WHAT IS BEING ASKED:
Give back exactly the lines of the material below that start at the line containing "#61=CARTESIAN_POINT('',(55.25,200.,-88.));" and end at the line containing "#84=PCURVE('',#77,#83);", and no others.

RECORDED DATA Start Marker

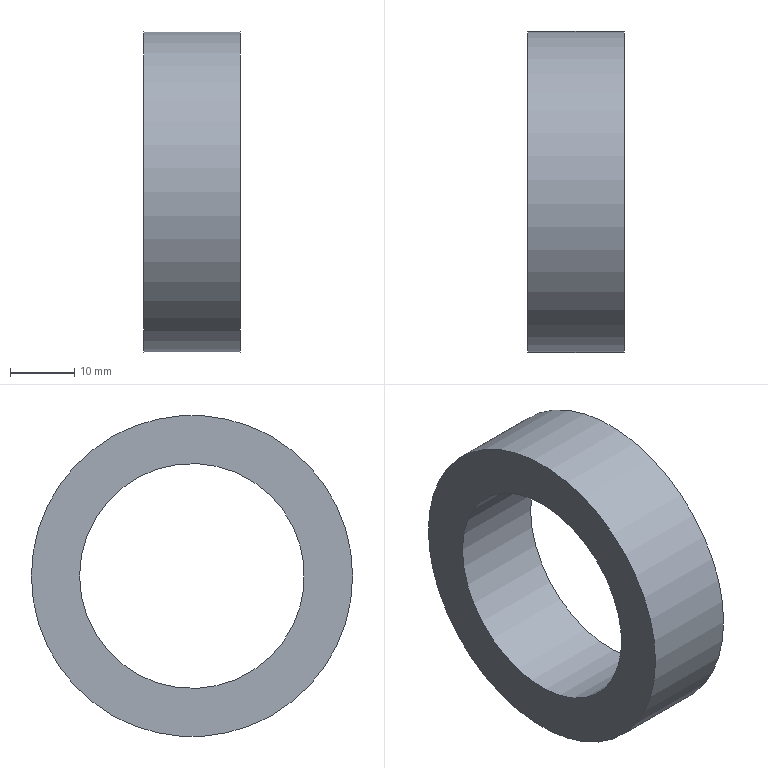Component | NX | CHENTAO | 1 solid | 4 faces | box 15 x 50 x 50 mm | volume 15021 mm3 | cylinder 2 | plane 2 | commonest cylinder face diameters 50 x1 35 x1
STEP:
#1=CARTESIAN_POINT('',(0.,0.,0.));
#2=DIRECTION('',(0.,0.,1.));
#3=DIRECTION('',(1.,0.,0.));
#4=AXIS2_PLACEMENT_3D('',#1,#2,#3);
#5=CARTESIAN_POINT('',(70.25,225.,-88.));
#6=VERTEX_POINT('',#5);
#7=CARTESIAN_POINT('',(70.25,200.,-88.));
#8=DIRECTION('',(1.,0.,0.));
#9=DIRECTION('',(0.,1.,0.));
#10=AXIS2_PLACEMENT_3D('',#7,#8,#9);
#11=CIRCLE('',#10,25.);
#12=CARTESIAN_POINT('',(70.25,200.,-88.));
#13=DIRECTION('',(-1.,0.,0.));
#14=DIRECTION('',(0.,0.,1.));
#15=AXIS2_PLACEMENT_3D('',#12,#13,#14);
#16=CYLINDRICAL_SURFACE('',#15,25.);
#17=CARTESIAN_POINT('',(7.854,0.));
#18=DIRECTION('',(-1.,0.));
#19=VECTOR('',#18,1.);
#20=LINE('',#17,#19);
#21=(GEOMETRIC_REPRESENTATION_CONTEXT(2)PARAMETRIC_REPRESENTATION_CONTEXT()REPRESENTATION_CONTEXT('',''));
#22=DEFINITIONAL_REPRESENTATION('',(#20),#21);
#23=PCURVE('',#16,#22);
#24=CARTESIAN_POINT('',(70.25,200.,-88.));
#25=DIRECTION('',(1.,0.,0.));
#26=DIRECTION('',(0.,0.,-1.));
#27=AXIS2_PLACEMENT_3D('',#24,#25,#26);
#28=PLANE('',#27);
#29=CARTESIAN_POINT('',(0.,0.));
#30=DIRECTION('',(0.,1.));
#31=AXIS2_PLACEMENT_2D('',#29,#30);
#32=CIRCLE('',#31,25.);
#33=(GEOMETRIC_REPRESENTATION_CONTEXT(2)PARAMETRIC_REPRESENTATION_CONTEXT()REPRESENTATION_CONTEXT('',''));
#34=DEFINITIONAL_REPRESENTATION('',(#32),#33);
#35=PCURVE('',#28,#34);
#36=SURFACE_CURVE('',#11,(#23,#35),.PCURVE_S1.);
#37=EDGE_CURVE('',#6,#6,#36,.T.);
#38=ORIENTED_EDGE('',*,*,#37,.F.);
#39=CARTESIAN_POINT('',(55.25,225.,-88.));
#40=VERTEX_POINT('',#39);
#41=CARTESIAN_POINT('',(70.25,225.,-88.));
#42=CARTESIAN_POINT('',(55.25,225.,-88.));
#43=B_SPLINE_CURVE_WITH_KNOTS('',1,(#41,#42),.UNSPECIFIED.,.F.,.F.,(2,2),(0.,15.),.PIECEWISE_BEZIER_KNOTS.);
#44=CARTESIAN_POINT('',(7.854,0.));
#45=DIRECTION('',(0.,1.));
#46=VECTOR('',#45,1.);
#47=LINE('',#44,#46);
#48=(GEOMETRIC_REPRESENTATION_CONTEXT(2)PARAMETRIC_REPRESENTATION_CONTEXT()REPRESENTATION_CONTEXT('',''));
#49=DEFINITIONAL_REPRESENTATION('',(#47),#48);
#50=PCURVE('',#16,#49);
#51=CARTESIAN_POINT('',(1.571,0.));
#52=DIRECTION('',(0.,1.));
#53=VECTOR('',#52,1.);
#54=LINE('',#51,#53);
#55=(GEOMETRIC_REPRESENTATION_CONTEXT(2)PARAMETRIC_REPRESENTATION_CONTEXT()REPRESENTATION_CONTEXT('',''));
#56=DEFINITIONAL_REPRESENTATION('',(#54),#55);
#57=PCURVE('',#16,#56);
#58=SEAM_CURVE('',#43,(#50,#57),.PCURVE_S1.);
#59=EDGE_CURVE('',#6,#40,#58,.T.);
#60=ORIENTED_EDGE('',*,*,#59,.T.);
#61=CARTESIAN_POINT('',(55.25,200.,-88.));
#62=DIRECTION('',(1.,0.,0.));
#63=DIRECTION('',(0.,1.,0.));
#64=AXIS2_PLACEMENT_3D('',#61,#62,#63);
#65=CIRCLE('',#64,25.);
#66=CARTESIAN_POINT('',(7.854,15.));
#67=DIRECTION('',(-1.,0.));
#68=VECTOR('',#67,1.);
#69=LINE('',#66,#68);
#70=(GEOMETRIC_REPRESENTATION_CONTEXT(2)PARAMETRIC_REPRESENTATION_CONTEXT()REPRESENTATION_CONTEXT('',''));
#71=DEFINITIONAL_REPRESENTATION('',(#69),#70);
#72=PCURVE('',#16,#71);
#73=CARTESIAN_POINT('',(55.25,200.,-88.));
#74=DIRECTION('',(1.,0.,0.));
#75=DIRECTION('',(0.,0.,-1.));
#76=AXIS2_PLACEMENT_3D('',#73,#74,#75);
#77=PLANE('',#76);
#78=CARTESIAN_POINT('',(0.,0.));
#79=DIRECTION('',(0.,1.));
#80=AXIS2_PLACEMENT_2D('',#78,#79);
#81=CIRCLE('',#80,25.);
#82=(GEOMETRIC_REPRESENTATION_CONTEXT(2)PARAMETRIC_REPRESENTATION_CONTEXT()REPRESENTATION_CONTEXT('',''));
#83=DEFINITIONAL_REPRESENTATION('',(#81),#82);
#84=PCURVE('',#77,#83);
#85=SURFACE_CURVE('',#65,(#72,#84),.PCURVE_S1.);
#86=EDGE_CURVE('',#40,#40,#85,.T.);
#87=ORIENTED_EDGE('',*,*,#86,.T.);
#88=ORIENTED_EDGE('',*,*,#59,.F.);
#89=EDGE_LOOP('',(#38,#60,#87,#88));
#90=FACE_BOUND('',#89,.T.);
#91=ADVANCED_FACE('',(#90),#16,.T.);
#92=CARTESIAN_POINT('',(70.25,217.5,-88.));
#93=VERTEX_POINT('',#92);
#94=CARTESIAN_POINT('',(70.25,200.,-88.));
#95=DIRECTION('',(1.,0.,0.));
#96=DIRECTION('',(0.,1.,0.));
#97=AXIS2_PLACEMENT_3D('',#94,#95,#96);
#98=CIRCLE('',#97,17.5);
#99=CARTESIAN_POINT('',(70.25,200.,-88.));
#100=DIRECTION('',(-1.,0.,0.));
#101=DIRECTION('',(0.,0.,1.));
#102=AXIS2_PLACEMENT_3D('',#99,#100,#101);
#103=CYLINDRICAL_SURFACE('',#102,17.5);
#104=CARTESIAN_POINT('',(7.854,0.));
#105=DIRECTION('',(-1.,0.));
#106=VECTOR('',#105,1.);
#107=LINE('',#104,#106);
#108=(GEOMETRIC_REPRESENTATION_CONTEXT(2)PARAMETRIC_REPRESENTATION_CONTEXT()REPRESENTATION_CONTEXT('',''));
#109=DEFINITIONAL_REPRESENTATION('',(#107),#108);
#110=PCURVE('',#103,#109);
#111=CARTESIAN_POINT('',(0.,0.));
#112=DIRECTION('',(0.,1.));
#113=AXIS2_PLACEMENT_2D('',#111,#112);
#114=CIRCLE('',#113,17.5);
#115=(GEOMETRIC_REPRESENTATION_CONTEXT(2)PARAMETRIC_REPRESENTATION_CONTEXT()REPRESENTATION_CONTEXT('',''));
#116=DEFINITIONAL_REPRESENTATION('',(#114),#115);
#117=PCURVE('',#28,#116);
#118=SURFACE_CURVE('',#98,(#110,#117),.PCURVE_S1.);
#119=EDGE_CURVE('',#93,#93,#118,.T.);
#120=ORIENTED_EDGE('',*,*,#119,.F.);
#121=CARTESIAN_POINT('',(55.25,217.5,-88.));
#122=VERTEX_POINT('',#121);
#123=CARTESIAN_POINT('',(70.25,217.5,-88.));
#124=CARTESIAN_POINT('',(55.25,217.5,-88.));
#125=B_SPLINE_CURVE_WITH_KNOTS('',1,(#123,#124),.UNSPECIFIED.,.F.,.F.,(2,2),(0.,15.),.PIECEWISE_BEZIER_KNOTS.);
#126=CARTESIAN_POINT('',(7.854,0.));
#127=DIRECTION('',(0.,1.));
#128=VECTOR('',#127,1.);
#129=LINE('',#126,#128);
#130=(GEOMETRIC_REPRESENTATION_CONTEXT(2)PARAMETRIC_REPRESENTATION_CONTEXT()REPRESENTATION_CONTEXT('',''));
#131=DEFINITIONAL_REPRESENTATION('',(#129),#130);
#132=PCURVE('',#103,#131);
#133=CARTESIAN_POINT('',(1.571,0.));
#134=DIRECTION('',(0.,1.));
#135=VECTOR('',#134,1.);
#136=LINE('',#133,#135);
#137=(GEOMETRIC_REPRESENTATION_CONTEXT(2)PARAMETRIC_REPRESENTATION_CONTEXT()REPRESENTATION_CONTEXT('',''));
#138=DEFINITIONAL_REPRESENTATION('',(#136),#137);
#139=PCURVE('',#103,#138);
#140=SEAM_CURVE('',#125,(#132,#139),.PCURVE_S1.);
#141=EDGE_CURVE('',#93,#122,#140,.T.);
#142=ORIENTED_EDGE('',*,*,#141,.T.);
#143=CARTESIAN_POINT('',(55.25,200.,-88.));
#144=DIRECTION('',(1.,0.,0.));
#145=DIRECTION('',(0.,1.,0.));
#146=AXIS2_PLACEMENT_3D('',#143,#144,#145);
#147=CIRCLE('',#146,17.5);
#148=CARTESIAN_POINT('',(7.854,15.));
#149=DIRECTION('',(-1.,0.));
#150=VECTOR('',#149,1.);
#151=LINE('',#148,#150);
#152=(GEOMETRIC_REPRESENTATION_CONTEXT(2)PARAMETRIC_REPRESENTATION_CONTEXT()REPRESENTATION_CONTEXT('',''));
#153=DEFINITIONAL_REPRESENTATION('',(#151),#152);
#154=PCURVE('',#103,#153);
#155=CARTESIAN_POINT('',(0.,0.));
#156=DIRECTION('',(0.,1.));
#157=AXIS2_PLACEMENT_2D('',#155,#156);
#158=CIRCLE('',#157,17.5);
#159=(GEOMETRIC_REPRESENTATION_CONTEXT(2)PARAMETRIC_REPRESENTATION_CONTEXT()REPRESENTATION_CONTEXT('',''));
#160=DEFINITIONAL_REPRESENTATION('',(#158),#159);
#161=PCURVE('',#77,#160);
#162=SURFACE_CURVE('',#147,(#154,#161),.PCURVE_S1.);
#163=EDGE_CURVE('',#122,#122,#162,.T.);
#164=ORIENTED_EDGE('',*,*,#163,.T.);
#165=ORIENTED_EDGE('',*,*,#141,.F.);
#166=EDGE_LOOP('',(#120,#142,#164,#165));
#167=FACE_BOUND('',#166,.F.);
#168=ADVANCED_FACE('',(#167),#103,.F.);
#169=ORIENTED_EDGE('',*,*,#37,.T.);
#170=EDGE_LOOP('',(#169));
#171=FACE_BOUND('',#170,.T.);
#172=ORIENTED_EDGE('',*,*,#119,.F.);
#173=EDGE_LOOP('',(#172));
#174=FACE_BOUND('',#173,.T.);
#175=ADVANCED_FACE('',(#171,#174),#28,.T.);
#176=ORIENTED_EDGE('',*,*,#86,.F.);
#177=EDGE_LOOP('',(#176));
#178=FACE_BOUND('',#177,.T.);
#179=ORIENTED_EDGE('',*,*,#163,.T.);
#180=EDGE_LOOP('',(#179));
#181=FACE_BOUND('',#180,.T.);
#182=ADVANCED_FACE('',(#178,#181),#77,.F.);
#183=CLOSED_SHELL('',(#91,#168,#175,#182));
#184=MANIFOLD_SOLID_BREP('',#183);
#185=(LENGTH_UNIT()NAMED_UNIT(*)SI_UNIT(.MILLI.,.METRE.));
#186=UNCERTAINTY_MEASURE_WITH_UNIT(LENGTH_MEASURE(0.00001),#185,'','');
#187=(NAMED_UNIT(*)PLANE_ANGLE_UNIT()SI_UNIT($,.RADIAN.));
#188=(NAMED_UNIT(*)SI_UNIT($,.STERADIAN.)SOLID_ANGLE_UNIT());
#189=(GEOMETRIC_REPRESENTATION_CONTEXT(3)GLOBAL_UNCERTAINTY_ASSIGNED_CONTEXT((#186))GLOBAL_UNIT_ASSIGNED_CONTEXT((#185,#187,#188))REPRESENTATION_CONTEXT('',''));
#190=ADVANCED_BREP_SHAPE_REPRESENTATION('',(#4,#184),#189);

RECORDED DATA End Marker

RESPONSE TO THIS TASK:
#61=CARTESIAN_POINT('',(55.25,200.,-88.));
#62=DIRECTION('',(1.,0.,0.));
#63=DIRECTION('',(0.,1.,0.));
#64=AXIS2_PLACEMENT_3D('',#61,#62,#63);
#65=CIRCLE('',#64,25.);
#66=CARTESIAN_POINT('',(7.854,15.));
#67=DIRECTION('',(-1.,0.));
#68=VECTOR('',#67,1.);
#69=LINE('',#66,#68);
#70=(GEOMETRIC_REPRESENTATION_CONTEXT(2)PARAMETRIC_REPRESENTATION_CONTEXT()REPRESENTATION_CONTEXT('',''));
#71=DEFINITIONAL_REPRESENTATION('',(#69),#70);
#72=PCURVE('',#16,#71);
#73=CARTESIAN_POINT('',(55.25,200.,-88.));
#74=DIRECTION('',(1.,0.,0.));
#75=DIRECTION('',(0.,0.,-1.));
#76=AXIS2_PLACEMENT_3D('',#73,#74,#75);
#77=PLANE('',#76);
#78=CARTESIAN_POINT('',(0.,0.));
#79=DIRECTION('',(0.,1.));
#80=AXIS2_PLACEMENT_2D('',#78,#79);
#81=CIRCLE('',#80,25.);
#82=(GEOMETRIC_REPRESENTATION_CONTEXT(2)PARAMETRIC_REPRESENTATION_CONTEXT()REPRESENTATION_CONTEXT('',''));
#83=DEFINITIONAL_REPRESENTATION('',(#81),#82);
#84=PCURVE('',#77,#83);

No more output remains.